What the task requires — Reproduce exactly the lines below, from the first one through the line containing "p2 = place(p1, origin())", and omit any pictures.

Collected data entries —
----
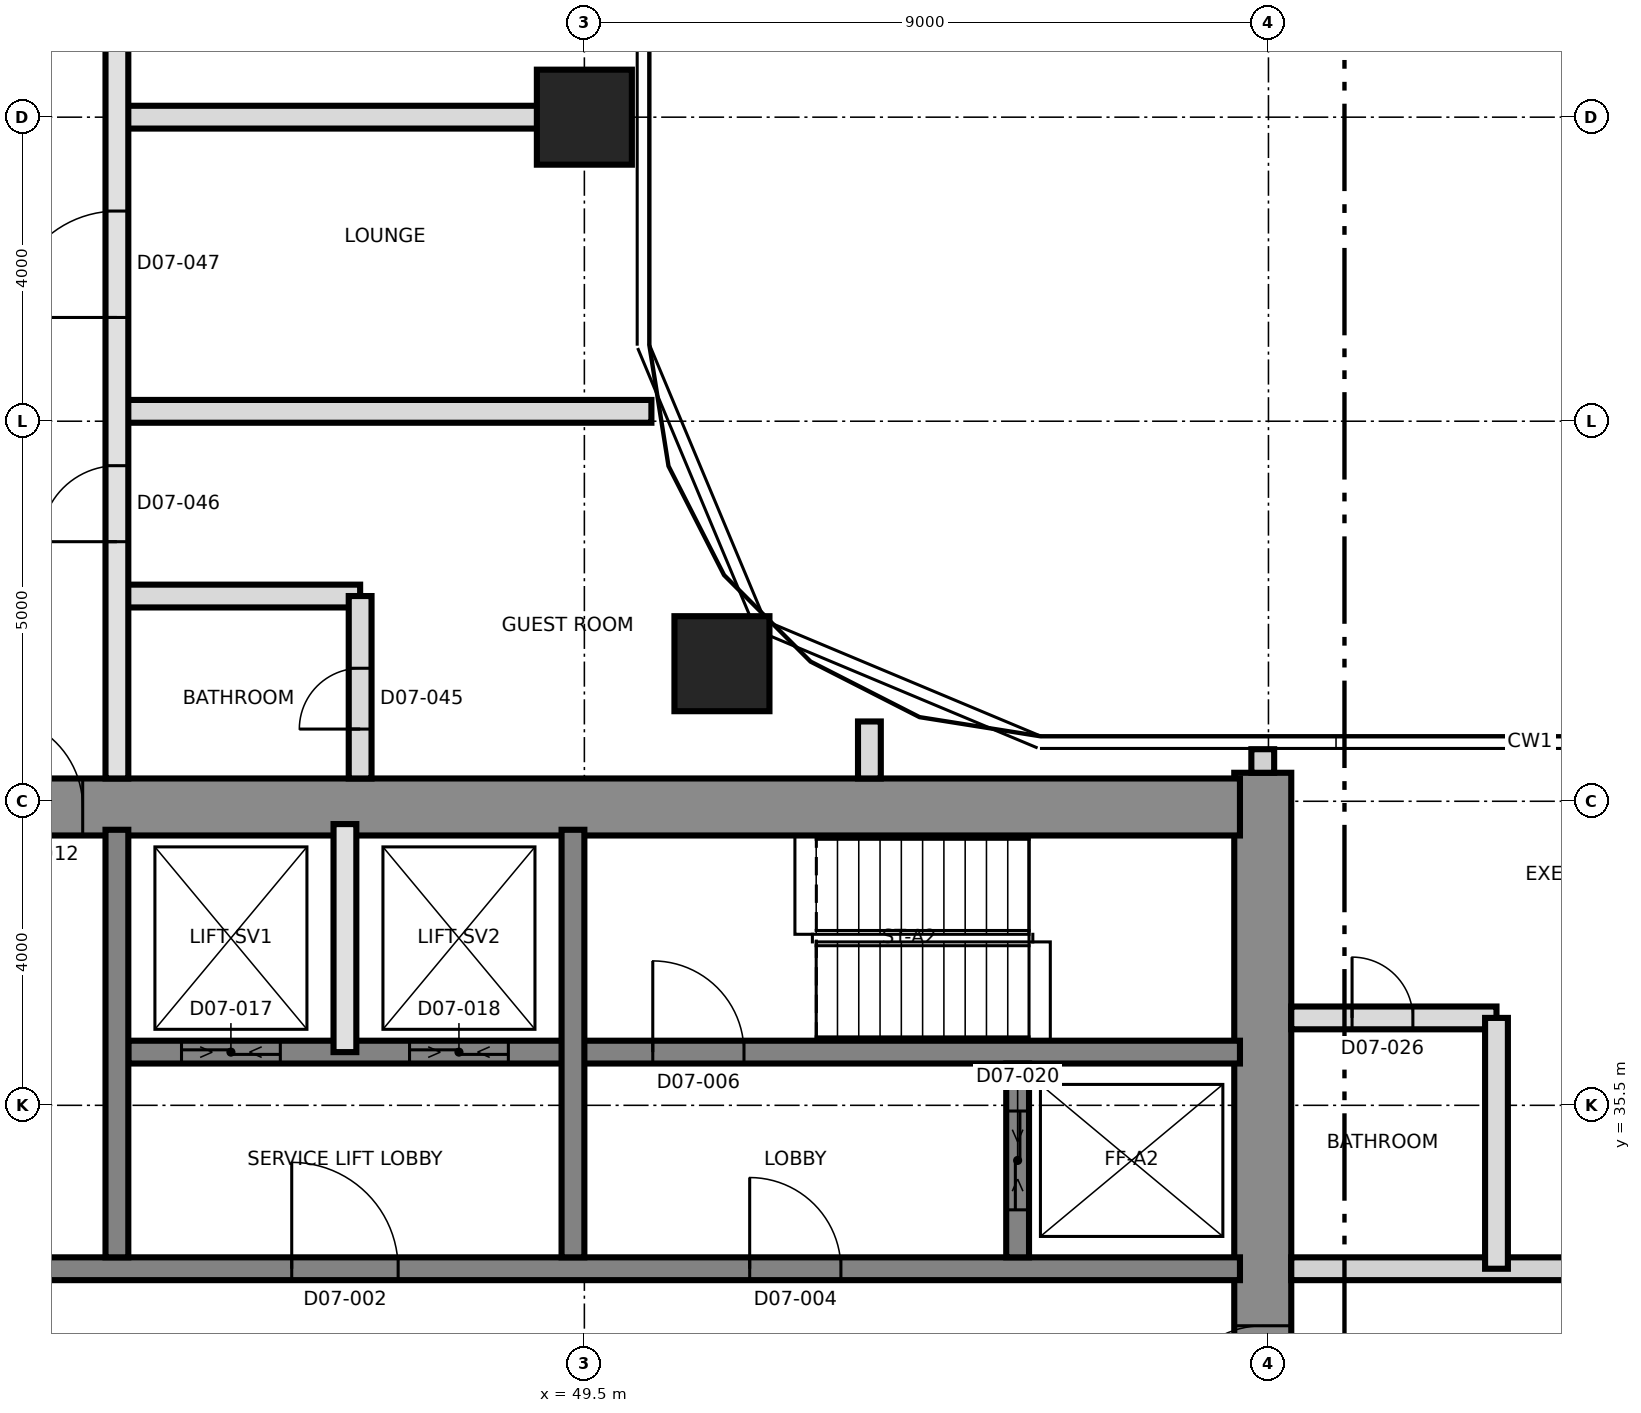
"""IFC4 building model, lengths in metres.
Left out: names, types, materials, properties, quantities, classifications, styles, units other than length and angle.
Written with IfcOpenShell. Run it as: python <this file> out.ifc"""

import sys

from ifc_helpers import new_model, si_unit, direction, frame, frame_2d, origin, origin_2d, place, context, subcontext, project, spatial, rectangle, extrude, element, fill, save


model = new_model("IFC4")
c1 = context("Model", 3, precision=1e-05, world=origin(), true_north=direction((0.0, 1.0)))
c2 = subcontext(c1, "Body", "Model", "MODEL_VIEW")
j1 = project(units=[si_unit("LENGTHUNIT", "METRE"), si_unit("PLANEANGLEUNIT", "RADIAN")], contexts=[c1])
p1 = place(None, origin())
s1 = spatial("IfcSite", under=j1, at=p1, CompositionType="ELEMENT")
p2 = place(p1, origin())
s2 = spatial("IfcBuilding", under=s1, at=p2, CompositionType="ELEMENT")
p3 = place(p2, frame((0.0, 0.0, 90.8)))
s3 = spatial("IfcBuildingStorey", under=s2, at=p3, CompositionType="ELEMENT", Elevation=90.8)
p4 = place(p3, frame((58.425, 21.125, 0.0), z_axis=(0.0, 0.0, 1.0), x_axis=(0.0, 1.0, 0.0)))
e1 = element("IfcWall", 1, at=p4, inside=s3, PredefinedType="SHEAR", context=c2, shape_type="SweptSolid", body=[
    extrude(rectangle(XDim=18.75, YDim=0.75, at=frame_2d((9.375, 0.0))), origin(), (0.0, 0.0, 1.0), 3.7),
])
p5 = place(p4, frame((10.275, 0.0, 0.0)))
e2 = element("IfcOpeningElement", 2, at=p5, cuts=e1, PredefinedType="OPENING", context=c2, shape_type="SweptSolid", body=[
    extrude(rectangle(XDim=1.2, YDim=2.1, at=frame_2d((0.6, 1.05))), frame((0.0, 0.385, 0.0), z_axis=(0.0, -1.0, 0.0), x_axis=(1.0, 0.0, 0.0)), (0.0, 0.0, 1.0), 0.77),
])
p6 = place(p3, frame((31.125, 39.425, 0.0), z_axis=(0.0, 0.0, 1.0), x_axis=(1.0, 0.0, 0.0)))
e3 = element("IfcWall", 3, at=p6, inside=s3, PredefinedType="SHEAR", context=c2, shape_type="SweptSolid", body=[
    extrude(rectangle(XDim=27.0, YDim=0.75, at=frame_2d((13.5, 0.0))), origin(), (0.0, 0.0, 1.0), 3.7),
])
p7 = place(p6, frame((10.575, 0.0, 0.0)))
e4 = element("IfcOpeningElement", 4, at=p7, cuts=e3, PredefinedType="OPENING", context=c2, shape_type="SweptSolid", body=[
    extrude(rectangle(XDim=1.2, YDim=2.1, at=frame_2d((0.6, 1.05))), frame((0.0, 0.385, 0.0), z_axis=(0.0, -1.0, 0.0), x_axis=(1.0, 0.0, 0.0)), (0.0, 0.0, 1.0), 0.77),
])
p8 = place(p3, frame((31.875, 33.35, 0.0), z_axis=(0.0, 0.0, 1.0), x_axis=(1.0, 0.0, 0.0)))
e5 = element("IfcWall", 5, at=p8, inside=s3, PredefinedType="SHEAR", context=c2, shape_type="SweptSolid", body=[
    extrude(rectangle(XDim=26.25, YDim=0.3, at=frame_2d((13.125, 0.0))), origin(), (0.0, 0.0, 1.0), 3.7),
])
p9 = place(p8, frame((13.775, 0.0, 0.0)))
e6 = element("IfcOpeningElement", 6, at=p9, cuts=e5, PredefinedType="OPENING", context=c2, shape_type="SweptSolid", body=[
    extrude(rectangle(XDim=1.4, YDim=2.1, at=frame_2d((0.7, 1.05))), frame((0.0, 0.16, 0.0), z_axis=(0.0, -1.0, 0.0), x_axis=(1.0, 0.0, 0.0)), (0.0, 0.0, 1.0), 0.32),
])
p10 = place(p8, frame((5.25, 0.0, 0.0)))
e7 = element("IfcOpeningElement", 7, at=p10, cuts=e5, PredefinedType="OPENING", context=c2, shape_type="SweptSolid", body=[
    extrude(rectangle(XDim=1.2, YDim=2.1, at=frame_2d((0.6, 1.05))), frame((0.0, 0.16, 0.0), z_axis=(0.0, -1.0, 0.0), x_axis=(1.0, 0.0, 0.0)), (0.0, 0.0, 1.0), 0.32),
])
p11 = place(p8, frame((19.8, 0.0, 0.0)))
e8 = element("IfcOpeningElement", 8, at=p11, cuts=e5, PredefinedType="OPENING", context=c2, shape_type="SweptSolid", body=[
    extrude(rectangle(XDim=1.2, YDim=2.1, at=frame_2d((0.6, 1.05))), frame((0.0, 0.16, 0.0), z_axis=(0.0, -1.0, 0.0), x_axis=(1.0, 0.0, 0.0)), (0.0, 0.0, 1.0), 0.32),
])
p12 = place(p3, frame((43.5, 36.2, 0.0), z_axis=(0.0, 0.0, 1.0), x_axis=(1.0, 0.0, 0.0)))
e9 = element("IfcWall", 9, at=p12, inside=s3, PredefinedType="SHEAR", context=c2, shape_type="SweptSolid", body=[
    extrude(rectangle(XDim=14.625, YDim=0.3, at=frame_2d((7.312, 0.0))), origin(), (0.0, 0.0, 1.0), 3.7),
])
p13 = place(p12, frame((6.9, 0.0, 0.0)))
e10 = element("IfcOpeningElement", 10, at=p13, cuts=e9, PredefinedType="OPENING", context=c2, shape_type="SweptSolid", body=[
    extrude(rectangle(XDim=1.2, YDim=2.1, at=frame_2d((0.6, 1.05))), frame((0.0, 0.16, 0.0), z_axis=(0.0, -1.0, 0.0), x_axis=(1.0, 0.0, 0.0)), (0.0, 0.0, 1.0), 0.32),
])
p14 = place(p12, frame((0.7, 0.0, 0.0)))
e11 = element("IfcOpeningElement", 11, at=p14, cuts=e9, PredefinedType="OPENING", context=c2, shape_type="SweptSolid", body=[
    extrude(rectangle(XDim=1.3, YDim=2.4, at=frame_2d((0.65, 1.2))), frame((0.0, 0.16, 0.0), z_axis=(0.0, -1.0, 0.0), x_axis=(1.0, 0.0, 0.0)), (0.0, 0.0, 1.0), 0.32),
])
p15 = place(p12, frame((3.7, 0.0, 0.0)))
e12 = element("IfcOpeningElement", 12, at=p15, cuts=e9, PredefinedType="OPENING", context=c2, shape_type="SweptSolid", body=[
    extrude(rectangle(XDim=1.3, YDim=2.4, at=frame_2d((0.65, 1.2))), frame((0.0, 0.16, 0.0), z_axis=(0.0, -1.0, 0.0), x_axis=(1.0, 0.0, 0.0)), (0.0, 0.0, 1.0), 0.32),
])
for number, where, z_axis, x_axis in (
    (13, (43.35, 33.5, 0.0), (0.0, 0.0, 1.0), (0.0, 1.0, 0.0)),
    (14, (49.35, 33.5, 0.0), (0.0, 0.0, 1.0), (0.0, 1.0, 0.0)),
):
    element("IfcWall", number, at=place(p3, frame(where, z_axis=z_axis, x_axis=x_axis)), inside=s3, PredefinedType="SHEAR", context=c2, shape_type="SweptSolid", body=[
        extrude(rectangle(XDim=5.625, YDim=0.3, at=frame_2d((2.812, 0.0))), origin(), (0.0, 0.0, 1.0), 3.7),
    ])
p16 = place(p3, frame((55.2, 33.5, 0.0), z_axis=(0.0, 0.0, 1.0), x_axis=(0.0, 1.0, 0.0)))
e15 = element("IfcWall", 15, at=p16, inside=s3, PredefinedType="SHEAR", context=c2, shape_type="SweptSolid", body=[
    extrude(rectangle(XDim=2.55, YDim=0.3, at=frame_2d((1.275, 0.0))), origin(), (0.0, 0.0, 1.0), 3.7),
])
p17 = place(p16, frame((0.625, 0.0, 0.0)))
e16 = element("IfcOpeningElement", 16, at=p17, cuts=e15, PredefinedType="OPENING", context=c2, shape_type="SweptSolid", body=[
    extrude(rectangle(XDim=1.3, YDim=2.4, at=frame_2d((0.65, 1.2))), frame((0.0, 0.16, 0.0), z_axis=(0.0, -1.0, 0.0), x_axis=(1.0, 0.0, 0.0)), (0.0, 0.0, 1.0), 0.32),
])
for number, where, z_axis, x_axis in (
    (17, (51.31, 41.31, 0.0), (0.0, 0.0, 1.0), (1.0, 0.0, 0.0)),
----
Exercise response —
"""IFC4 building model, lengths in metres.
Left out: names, types, materials, properties, quantities, classifications, styles, units other than length and angle.
Written with IfcOpenShell. Run it as: python <this file> out.ifc"""

import sys

from ifc_helpers import new_model, si_unit, direction, frame, frame_2d, origin, origin_2d, place, context, subcontext, project, spatial, rectangle, extrude, element, fill, save


model = new_model("IFC4")
c1 = context("Model", 3, precision=1e-05, world=origin(), true_north=direction((0.0, 1.0)))
c2 = subcontext(c1, "Body", "Model", "MODEL_VIEW")
j1 = project(units=[si_unit("LENGTHUNIT", "METRE"), si_unit("PLANEANGLEUNIT", "RADIAN")], contexts=[c1])
p1 = place(None, origin())
s1 = spatial("IfcSite", under=j1, at=p1, CompositionType="ELEMENT")
p2 = place(p1, origin())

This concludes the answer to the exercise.